**EXERCISE DESCRIPTION**
Only the text of the records belongs in the answer; the pictures must be dropped.

══ DATASET CONTENT ══

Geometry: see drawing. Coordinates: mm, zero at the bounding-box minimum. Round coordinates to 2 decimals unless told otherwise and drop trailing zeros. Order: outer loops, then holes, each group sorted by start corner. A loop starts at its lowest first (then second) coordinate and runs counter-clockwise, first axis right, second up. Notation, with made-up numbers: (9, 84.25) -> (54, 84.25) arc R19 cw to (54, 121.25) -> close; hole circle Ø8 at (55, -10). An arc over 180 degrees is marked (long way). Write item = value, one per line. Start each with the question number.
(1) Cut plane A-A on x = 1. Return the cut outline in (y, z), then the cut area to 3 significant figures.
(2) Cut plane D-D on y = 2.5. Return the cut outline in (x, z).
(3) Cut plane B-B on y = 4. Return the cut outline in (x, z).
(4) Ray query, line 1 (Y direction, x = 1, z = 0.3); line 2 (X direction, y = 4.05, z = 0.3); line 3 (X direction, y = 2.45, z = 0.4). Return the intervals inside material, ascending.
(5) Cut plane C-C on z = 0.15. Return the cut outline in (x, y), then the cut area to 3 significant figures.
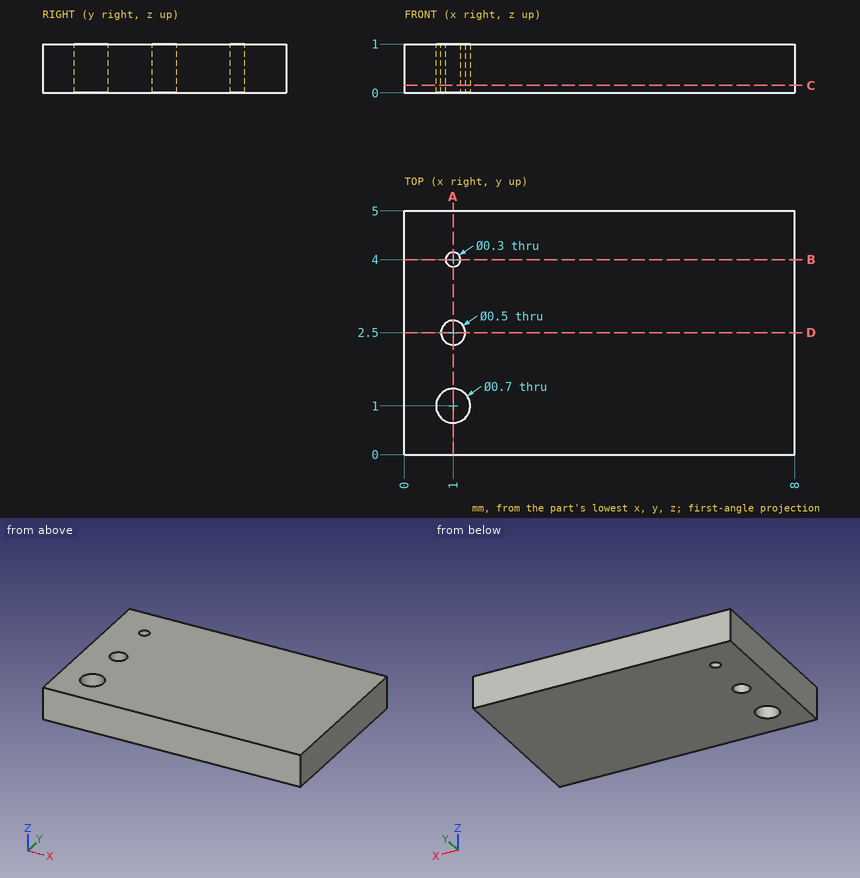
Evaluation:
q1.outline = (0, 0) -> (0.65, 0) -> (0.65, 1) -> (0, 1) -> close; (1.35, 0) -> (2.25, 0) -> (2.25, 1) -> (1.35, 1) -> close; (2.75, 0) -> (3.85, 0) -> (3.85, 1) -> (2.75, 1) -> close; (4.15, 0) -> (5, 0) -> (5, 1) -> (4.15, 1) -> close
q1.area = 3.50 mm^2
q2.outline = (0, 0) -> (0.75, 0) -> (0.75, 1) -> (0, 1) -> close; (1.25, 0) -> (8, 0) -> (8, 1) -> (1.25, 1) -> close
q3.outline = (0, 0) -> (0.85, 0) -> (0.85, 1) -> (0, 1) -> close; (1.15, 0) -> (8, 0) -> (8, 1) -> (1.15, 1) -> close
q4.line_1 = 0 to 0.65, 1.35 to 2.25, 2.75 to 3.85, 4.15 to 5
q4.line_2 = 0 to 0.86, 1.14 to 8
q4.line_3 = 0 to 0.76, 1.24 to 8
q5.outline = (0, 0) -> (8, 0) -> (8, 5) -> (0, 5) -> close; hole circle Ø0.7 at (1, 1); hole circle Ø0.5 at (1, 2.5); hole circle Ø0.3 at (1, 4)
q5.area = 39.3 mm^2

═══

**WRITTEN RESPONSE**
Geometry: see drawing. Coordinates: mm, zero at the bounding-box minimum. Round coordinates to 2 decimals unless told otherwise and drop trailing zeros. Order: outer loops, then holes, each group sorted by start corner. A loop starts at its lowest first (then second) coordinate and runs counter-clockwise, first axis right, second up. Notation, with made-up numbers: (9, 84.25) -> (54, 84.25) arc R19 cw to (54, 121.25) -> close; hole circle Ø8 at (55, -10). An arc over 180 degrees is marked (long way). Write item = value, one per line. Start each with the question number.
(1) Cut plane A-A on x = 1. Return the cut outline in (y, z), then the cut area to 3 significant figures.
(2) Cut plane D-D on y = 2.5. Return the cut outline in (x, z).
(3) Cut plane B-B on y = 4. Return the cut outline in (x, z).
(4) Ray query, line 1 (Y direction, x = 1, z = 0.3); line 2 (X direction, y = 4.05, z = 0.3); line 3 (X direction, y = 2.45, z = 0.4). Return the intervals inside material, ascending.
(5) Cut plane C-C on z = 0.15. Return the cut outline in (x, y), then the cut area to 3 significant figures.
Evaluation:
q1.outline = (0, 0) -> (0.65, 0) -> (0.65, 1) -> (0, 1) -> close; (1.35, 0) -> (2.25, 0) -> (2.25, 1) -> (1.35, 1) -> close; (2.75, 0) -> (3.85, 0) -> (3.85, 1) -> (2.75, 1) -> close; (4.15, 0) -> (5, 0) -> (5, 1) -> (4.15, 1) -> close
q1.area = 3.50 mm^2
q2.outline = (0, 0) -> (0.75, 0) -> (0.75, 1) -> (0, 1) -> close; (1.25, 0) -> (8, 0) -> (8, 1) -> (1.25, 1) -> close
q3.outline = (0, 0) -> (0.85, 0) -> (0.85, 1) -> (0, 1) -> close; (1.15, 0) -> (8, 0) -> (8, 1) -> (1.15, 1) -> close
q4.line_1 = 0 to 0.65, 1.35 to 2.25, 2.75 to 3.85, 4.15 to 5
q4.line_2 = 0 to 0.86, 1.14 to 8
q4.line_3 = 0 to 0.76, 1.24 to 8
q5.outline = (0, 0) -> (8, 0) -> (8, 5) -> (0, 5) -> close; hole circle Ø0.7 at (1, 1); hole circle Ø0.5 at (1, 2.5); hole circle Ø0.3 at (1, 4)
q5.area = 39.3 mm^2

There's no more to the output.